▶ How to complete this task:
A verbatim reproduction of the lines below, from the line containing "p32 = place(p31, frame((5.565, 0.0, 0.0)))" through the line containing "p36 = place(p35, frame((3.3, 0.0, 0.0)))", both ends included, is the whole required output.

★ ★ ★ ★ ★ ★ ★

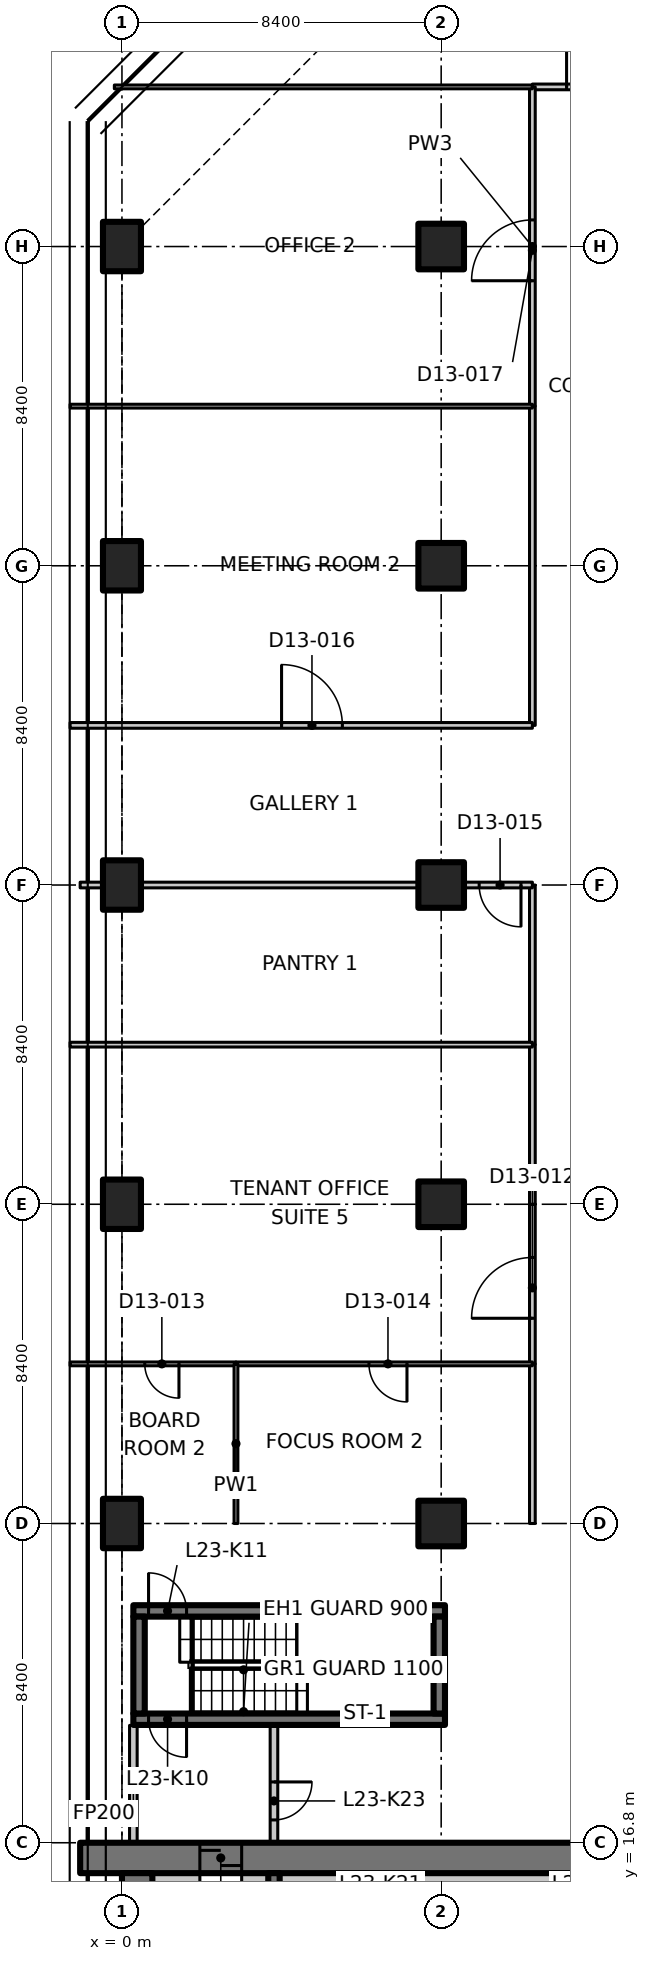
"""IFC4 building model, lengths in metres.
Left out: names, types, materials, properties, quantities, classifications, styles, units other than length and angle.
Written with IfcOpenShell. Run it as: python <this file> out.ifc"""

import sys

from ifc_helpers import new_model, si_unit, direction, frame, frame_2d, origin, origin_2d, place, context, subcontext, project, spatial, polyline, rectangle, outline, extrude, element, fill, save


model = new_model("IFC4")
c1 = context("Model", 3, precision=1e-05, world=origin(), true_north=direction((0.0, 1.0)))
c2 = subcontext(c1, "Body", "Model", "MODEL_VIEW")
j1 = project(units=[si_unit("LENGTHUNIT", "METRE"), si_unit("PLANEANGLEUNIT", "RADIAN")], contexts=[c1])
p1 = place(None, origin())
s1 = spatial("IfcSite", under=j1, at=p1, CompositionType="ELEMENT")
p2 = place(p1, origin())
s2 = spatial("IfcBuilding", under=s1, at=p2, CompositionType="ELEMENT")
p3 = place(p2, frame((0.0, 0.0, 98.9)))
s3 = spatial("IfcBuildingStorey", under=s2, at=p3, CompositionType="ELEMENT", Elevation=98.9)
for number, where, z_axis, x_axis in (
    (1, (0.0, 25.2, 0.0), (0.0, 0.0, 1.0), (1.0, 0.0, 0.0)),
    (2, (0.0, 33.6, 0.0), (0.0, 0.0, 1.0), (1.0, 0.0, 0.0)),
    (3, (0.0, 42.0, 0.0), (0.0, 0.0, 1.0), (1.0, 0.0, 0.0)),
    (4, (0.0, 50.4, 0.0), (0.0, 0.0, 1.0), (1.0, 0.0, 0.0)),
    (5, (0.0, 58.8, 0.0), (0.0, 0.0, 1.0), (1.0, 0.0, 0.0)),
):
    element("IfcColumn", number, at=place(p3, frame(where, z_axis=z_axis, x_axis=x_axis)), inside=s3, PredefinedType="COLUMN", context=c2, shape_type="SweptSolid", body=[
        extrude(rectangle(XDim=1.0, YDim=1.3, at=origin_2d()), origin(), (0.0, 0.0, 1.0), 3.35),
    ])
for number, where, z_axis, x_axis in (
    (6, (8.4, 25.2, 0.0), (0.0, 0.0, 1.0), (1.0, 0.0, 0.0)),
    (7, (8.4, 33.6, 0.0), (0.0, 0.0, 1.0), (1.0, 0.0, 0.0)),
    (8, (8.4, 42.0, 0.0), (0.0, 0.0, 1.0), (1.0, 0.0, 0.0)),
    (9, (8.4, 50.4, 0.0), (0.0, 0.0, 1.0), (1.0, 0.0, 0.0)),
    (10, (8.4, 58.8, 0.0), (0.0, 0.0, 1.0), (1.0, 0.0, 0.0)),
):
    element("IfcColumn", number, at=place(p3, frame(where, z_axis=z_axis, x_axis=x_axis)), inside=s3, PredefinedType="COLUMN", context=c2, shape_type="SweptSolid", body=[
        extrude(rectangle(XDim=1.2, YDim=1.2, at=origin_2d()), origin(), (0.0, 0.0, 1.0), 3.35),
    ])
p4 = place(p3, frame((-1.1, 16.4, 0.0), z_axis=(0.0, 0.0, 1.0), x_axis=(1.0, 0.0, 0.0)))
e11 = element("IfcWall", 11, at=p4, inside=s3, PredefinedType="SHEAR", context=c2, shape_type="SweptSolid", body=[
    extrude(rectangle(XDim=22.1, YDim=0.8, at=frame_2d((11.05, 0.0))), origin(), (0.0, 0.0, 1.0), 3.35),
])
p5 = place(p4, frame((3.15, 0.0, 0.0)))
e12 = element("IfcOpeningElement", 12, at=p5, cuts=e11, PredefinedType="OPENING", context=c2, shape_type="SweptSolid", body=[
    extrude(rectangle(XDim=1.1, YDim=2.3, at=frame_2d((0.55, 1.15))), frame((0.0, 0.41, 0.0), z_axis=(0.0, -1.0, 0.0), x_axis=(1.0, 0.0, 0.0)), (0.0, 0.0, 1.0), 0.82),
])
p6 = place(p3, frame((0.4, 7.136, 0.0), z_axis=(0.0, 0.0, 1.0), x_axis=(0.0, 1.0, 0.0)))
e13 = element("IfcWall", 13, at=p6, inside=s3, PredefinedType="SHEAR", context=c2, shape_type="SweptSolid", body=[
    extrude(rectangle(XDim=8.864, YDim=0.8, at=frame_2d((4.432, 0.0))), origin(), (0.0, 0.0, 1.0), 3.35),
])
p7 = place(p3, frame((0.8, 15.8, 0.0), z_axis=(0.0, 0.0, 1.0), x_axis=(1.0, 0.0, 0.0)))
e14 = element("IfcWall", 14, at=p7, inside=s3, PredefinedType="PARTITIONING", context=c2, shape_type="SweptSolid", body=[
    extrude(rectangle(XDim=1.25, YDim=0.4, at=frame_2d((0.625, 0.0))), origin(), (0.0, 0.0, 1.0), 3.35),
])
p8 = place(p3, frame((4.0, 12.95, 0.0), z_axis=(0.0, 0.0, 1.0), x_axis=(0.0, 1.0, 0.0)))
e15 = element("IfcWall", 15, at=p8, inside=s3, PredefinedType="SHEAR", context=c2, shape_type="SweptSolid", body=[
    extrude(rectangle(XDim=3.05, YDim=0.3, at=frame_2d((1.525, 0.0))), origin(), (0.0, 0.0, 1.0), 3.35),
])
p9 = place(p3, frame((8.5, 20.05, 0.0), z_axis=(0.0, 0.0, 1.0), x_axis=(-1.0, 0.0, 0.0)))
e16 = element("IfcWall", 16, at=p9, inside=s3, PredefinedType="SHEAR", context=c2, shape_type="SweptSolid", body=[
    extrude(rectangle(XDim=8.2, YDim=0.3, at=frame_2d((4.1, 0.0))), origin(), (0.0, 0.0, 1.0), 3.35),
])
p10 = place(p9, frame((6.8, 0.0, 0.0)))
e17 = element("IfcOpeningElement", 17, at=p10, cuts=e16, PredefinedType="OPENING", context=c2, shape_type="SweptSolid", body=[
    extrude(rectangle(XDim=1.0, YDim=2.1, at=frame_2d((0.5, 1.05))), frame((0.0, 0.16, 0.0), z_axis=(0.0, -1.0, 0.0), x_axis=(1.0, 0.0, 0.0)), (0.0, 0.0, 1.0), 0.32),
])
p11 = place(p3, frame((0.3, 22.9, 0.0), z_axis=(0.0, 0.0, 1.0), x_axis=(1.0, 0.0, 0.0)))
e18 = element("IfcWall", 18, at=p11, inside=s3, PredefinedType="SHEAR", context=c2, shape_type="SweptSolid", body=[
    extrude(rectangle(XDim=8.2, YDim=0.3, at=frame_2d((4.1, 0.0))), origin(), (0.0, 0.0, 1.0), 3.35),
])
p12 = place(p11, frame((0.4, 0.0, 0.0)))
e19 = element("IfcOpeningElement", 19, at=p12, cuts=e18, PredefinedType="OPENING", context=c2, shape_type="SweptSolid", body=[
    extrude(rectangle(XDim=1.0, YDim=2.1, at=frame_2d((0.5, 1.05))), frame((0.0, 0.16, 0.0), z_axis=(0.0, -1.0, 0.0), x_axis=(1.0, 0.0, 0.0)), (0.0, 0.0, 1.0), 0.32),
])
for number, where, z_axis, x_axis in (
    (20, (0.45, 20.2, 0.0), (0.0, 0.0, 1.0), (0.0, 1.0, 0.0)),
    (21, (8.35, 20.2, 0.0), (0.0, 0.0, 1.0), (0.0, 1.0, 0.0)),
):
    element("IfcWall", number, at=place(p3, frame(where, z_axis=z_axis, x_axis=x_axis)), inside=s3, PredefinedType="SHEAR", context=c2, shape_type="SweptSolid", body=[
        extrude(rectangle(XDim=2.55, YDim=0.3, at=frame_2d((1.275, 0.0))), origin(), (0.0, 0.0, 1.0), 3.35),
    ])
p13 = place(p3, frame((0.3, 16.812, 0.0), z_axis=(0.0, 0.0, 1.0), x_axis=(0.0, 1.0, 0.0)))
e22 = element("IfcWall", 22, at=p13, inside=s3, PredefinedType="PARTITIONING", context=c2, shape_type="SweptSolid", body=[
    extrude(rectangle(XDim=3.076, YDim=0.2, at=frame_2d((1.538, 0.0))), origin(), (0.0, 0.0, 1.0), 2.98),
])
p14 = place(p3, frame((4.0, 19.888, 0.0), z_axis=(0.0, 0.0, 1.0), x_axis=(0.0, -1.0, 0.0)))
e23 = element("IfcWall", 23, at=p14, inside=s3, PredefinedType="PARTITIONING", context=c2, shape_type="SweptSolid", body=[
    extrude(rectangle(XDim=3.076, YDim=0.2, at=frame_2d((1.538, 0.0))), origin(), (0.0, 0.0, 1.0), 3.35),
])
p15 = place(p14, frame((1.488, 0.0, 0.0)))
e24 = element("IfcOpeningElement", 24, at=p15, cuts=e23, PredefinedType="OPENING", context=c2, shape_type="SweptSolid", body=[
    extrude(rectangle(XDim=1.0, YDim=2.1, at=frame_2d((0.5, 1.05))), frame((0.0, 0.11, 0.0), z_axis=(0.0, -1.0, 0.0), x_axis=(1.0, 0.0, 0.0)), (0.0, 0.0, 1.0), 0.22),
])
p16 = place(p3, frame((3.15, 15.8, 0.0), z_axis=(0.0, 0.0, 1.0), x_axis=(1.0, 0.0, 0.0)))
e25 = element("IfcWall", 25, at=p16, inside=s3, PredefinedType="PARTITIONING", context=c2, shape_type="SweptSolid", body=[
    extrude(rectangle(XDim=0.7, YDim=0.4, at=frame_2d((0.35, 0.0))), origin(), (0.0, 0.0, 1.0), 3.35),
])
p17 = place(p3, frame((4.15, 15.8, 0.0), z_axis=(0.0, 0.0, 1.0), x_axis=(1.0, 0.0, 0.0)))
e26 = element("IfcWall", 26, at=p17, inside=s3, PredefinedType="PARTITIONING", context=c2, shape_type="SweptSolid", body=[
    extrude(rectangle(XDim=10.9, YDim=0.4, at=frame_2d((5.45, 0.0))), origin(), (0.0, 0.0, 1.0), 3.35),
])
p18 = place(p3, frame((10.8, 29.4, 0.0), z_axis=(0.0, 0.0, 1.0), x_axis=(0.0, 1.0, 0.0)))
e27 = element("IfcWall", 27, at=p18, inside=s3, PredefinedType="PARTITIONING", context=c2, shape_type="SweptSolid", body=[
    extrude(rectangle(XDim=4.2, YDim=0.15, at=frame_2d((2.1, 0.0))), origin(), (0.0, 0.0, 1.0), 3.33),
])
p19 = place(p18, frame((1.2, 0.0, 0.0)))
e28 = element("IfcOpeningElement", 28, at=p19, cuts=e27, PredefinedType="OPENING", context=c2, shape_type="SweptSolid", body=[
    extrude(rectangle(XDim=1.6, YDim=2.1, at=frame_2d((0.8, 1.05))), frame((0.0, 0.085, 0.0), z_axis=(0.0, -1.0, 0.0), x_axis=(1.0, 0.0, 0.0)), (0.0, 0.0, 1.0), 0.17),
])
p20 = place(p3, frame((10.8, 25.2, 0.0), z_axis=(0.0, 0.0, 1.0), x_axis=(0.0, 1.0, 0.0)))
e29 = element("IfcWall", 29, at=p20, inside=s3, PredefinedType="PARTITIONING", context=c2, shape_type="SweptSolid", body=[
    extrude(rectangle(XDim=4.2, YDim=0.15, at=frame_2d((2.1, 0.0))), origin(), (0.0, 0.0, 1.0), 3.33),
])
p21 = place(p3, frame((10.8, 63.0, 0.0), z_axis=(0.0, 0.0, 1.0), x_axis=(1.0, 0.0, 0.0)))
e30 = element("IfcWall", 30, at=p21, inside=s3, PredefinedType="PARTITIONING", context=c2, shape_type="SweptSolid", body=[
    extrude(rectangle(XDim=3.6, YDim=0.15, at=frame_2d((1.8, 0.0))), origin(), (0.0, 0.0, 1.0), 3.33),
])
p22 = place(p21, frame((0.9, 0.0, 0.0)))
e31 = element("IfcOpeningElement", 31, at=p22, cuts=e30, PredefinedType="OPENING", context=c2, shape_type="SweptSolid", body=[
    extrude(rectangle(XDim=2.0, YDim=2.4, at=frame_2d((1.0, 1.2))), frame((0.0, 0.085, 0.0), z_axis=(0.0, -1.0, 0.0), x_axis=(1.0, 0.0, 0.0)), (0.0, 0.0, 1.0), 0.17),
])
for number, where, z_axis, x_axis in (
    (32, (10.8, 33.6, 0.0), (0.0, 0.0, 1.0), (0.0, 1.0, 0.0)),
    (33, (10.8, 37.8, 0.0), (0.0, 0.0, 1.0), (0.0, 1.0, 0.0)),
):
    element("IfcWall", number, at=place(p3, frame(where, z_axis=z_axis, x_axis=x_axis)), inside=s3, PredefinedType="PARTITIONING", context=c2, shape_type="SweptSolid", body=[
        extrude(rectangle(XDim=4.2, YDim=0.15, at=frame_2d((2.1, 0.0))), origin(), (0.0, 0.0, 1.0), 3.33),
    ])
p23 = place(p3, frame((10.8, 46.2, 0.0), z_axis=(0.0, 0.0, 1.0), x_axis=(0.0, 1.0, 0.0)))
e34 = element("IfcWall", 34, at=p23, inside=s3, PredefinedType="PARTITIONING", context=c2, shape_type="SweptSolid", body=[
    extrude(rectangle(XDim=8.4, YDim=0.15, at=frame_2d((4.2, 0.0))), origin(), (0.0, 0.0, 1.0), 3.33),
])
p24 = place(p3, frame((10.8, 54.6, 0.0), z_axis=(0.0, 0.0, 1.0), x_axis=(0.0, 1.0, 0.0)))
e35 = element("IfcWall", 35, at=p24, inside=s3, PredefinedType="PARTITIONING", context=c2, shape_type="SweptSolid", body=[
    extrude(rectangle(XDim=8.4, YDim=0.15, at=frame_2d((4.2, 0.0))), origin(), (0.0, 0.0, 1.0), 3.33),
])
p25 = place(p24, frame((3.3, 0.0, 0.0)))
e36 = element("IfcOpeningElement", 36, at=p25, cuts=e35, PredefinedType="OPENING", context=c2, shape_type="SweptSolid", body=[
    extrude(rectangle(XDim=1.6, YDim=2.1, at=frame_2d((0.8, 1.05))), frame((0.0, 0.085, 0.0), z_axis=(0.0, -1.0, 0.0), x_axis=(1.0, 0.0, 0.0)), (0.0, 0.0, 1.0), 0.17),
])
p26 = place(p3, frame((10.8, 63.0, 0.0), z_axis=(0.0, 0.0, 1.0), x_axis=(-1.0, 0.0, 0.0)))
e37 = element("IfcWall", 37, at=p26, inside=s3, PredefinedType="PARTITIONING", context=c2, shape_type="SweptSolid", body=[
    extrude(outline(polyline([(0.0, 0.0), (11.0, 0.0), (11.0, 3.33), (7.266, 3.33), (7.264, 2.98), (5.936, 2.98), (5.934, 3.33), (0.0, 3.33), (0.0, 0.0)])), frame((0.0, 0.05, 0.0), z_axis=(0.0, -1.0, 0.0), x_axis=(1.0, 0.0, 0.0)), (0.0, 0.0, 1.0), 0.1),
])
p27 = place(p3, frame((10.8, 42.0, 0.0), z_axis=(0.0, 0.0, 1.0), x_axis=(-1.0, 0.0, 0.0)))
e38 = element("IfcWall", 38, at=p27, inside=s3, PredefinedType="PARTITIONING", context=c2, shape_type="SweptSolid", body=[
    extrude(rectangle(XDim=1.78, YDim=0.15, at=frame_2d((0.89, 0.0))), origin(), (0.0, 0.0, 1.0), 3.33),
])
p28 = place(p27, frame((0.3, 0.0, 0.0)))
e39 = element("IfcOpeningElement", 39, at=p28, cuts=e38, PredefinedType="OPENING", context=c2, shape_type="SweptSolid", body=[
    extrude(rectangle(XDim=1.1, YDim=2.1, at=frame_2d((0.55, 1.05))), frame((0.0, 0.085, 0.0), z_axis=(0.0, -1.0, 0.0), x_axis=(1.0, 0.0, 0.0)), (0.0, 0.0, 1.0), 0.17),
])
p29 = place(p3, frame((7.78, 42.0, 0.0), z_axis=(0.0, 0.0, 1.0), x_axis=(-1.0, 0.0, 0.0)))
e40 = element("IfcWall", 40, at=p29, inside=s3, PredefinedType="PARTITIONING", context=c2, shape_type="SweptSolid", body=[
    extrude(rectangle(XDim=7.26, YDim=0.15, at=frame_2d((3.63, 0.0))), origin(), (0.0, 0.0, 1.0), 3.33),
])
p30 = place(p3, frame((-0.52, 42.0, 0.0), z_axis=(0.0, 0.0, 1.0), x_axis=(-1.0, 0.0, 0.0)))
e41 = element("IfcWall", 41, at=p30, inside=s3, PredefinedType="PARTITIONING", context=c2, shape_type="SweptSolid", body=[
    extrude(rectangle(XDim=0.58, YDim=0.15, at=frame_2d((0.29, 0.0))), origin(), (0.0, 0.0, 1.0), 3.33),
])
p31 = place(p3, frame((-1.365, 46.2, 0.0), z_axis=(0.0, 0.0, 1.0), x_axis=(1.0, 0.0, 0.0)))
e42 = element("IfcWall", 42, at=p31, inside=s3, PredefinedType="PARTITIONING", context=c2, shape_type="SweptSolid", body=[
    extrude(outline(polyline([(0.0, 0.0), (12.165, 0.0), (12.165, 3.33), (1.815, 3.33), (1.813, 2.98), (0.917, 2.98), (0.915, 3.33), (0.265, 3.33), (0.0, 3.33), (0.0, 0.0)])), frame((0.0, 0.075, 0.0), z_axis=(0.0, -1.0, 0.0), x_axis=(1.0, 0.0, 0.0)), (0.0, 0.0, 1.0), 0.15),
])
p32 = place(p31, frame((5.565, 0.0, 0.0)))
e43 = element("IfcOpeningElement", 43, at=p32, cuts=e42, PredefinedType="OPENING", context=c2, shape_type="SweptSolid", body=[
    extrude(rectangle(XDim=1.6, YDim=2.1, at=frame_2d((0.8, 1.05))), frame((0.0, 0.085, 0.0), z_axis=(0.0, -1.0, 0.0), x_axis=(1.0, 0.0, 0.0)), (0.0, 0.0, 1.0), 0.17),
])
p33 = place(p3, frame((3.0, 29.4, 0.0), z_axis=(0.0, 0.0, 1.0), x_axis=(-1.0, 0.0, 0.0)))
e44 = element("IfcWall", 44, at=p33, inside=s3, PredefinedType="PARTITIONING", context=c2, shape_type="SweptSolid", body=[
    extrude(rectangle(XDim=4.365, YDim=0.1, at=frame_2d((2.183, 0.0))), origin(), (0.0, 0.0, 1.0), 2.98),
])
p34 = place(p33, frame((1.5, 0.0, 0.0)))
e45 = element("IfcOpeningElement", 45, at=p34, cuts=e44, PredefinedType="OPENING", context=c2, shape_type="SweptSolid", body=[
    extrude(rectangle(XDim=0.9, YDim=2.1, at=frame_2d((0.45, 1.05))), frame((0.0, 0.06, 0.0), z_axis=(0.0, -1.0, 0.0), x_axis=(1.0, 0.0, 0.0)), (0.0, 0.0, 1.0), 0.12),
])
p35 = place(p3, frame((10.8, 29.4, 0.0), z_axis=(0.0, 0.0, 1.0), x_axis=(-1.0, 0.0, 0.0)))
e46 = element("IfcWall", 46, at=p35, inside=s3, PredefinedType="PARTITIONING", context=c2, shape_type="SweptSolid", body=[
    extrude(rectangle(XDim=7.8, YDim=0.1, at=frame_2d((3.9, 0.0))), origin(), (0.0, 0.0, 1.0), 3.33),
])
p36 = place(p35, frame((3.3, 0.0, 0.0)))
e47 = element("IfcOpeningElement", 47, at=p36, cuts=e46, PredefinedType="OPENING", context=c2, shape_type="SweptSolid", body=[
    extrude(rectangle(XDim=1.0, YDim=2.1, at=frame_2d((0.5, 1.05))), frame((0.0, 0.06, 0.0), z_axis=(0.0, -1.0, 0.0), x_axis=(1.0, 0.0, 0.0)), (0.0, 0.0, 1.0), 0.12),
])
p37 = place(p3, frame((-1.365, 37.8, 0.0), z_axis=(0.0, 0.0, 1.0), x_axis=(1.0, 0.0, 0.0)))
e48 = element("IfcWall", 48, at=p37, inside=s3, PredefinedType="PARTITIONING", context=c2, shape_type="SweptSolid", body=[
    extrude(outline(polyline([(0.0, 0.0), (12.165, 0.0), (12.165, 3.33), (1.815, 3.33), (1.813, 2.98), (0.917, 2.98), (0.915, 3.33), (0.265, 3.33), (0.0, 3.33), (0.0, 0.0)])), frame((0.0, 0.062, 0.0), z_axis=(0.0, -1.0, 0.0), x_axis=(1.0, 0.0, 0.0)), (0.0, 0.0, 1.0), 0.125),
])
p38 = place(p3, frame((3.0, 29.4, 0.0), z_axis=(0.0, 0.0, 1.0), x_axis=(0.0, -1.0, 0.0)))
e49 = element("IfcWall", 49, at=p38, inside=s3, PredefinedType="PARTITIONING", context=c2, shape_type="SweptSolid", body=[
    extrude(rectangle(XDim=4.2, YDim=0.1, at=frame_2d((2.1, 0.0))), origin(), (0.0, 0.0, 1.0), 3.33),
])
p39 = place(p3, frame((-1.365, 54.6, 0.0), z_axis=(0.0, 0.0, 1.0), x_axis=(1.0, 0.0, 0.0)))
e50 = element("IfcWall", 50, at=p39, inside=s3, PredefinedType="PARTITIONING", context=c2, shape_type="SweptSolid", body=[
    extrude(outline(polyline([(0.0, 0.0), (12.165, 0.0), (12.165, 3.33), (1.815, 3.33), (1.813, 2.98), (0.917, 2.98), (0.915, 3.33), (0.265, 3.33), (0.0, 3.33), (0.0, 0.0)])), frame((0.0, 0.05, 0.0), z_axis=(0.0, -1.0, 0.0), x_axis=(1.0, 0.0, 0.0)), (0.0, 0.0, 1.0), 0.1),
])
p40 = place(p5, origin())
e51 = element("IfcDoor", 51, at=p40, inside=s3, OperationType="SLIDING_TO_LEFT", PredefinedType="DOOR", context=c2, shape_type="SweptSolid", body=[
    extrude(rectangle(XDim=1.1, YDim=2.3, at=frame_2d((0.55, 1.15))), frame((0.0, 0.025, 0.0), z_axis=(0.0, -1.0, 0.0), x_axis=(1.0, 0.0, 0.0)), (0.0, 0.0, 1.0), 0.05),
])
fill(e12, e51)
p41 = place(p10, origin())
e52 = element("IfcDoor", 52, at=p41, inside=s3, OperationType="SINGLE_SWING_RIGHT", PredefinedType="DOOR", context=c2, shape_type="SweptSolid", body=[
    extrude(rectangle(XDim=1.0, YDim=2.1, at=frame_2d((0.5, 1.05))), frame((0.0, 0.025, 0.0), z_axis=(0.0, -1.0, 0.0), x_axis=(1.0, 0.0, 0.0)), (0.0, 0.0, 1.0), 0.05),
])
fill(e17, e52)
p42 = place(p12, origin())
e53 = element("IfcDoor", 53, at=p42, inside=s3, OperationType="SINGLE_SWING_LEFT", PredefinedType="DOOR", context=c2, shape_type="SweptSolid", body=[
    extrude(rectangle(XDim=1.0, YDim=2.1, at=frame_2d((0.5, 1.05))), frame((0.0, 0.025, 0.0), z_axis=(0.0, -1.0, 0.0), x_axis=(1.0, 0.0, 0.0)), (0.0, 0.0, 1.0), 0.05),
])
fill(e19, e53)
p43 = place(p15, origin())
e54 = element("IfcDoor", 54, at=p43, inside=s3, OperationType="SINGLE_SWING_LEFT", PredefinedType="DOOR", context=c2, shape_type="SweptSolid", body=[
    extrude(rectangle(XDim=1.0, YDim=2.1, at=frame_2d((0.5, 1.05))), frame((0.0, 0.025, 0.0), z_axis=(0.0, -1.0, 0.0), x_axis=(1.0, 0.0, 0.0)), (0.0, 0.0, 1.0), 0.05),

★ ★ ★ ★ ★ ★ ★

▶ Task answer:
p32 = place(p31, frame((5.565, 0.0, 0.0)))
e43 = element("IfcOpeningElement", 43, at=p32, cuts=e42, PredefinedType="OPENING", context=c2, shape_type="SweptSolid", body=[
    extrude(rectangle(XDim=1.6, YDim=2.1, at=frame_2d((0.8, 1.05))), frame((0.0, 0.085, 0.0), z_axis=(0.0, -1.0, 0.0), x_axis=(1.0, 0.0, 0.0)), (0.0, 0.0, 1.0), 0.17),
])
p33 = place(p3, frame((3.0, 29.4, 0.0), z_axis=(0.0, 0.0, 1.0), x_axis=(-1.0, 0.0, 0.0)))
e44 = element("IfcWall", 44, at=p33, inside=s3, PredefinedType="PARTITIONING", context=c2, shape_type="SweptSolid", body=[
    extrude(rectangle(XDim=4.365, YDim=0.1, at=frame_2d((2.183, 0.0))), origin(), (0.0, 0.0, 1.0), 2.98),
])
p34 = place(p33, frame((1.5, 0.0, 0.0)))
e45 = element("IfcOpeningElement", 45, at=p34, cuts=e44, PredefinedType="OPENING", context=c2, shape_type="SweptSolid", body=[
    extrude(rectangle(XDim=0.9, YDim=2.1, at=frame_2d((0.45, 1.05))), frame((0.0, 0.06, 0.0), z_axis=(0.0, -1.0, 0.0), x_axis=(1.0, 0.0, 0.0)), (0.0, 0.0, 1.0), 0.12),
])
p35 = place(p3, frame((10.8, 29.4, 0.0), z_axis=(0.0, 0.0, 1.0), x_axis=(-1.0, 0.0, 0.0)))
e46 = element("IfcWall", 46, at=p35, inside=s3, PredefinedType="PARTITIONING", context=c2, shape_type="SweptSolid", body=[
    extrude(rectangle(XDim=7.8, YDim=0.1, at=frame_2d((3.9, 0.0))), origin(), (0.0, 0.0, 1.0), 3.33),
])
p36 = place(p35, frame((3.3, 0.0, 0.0)))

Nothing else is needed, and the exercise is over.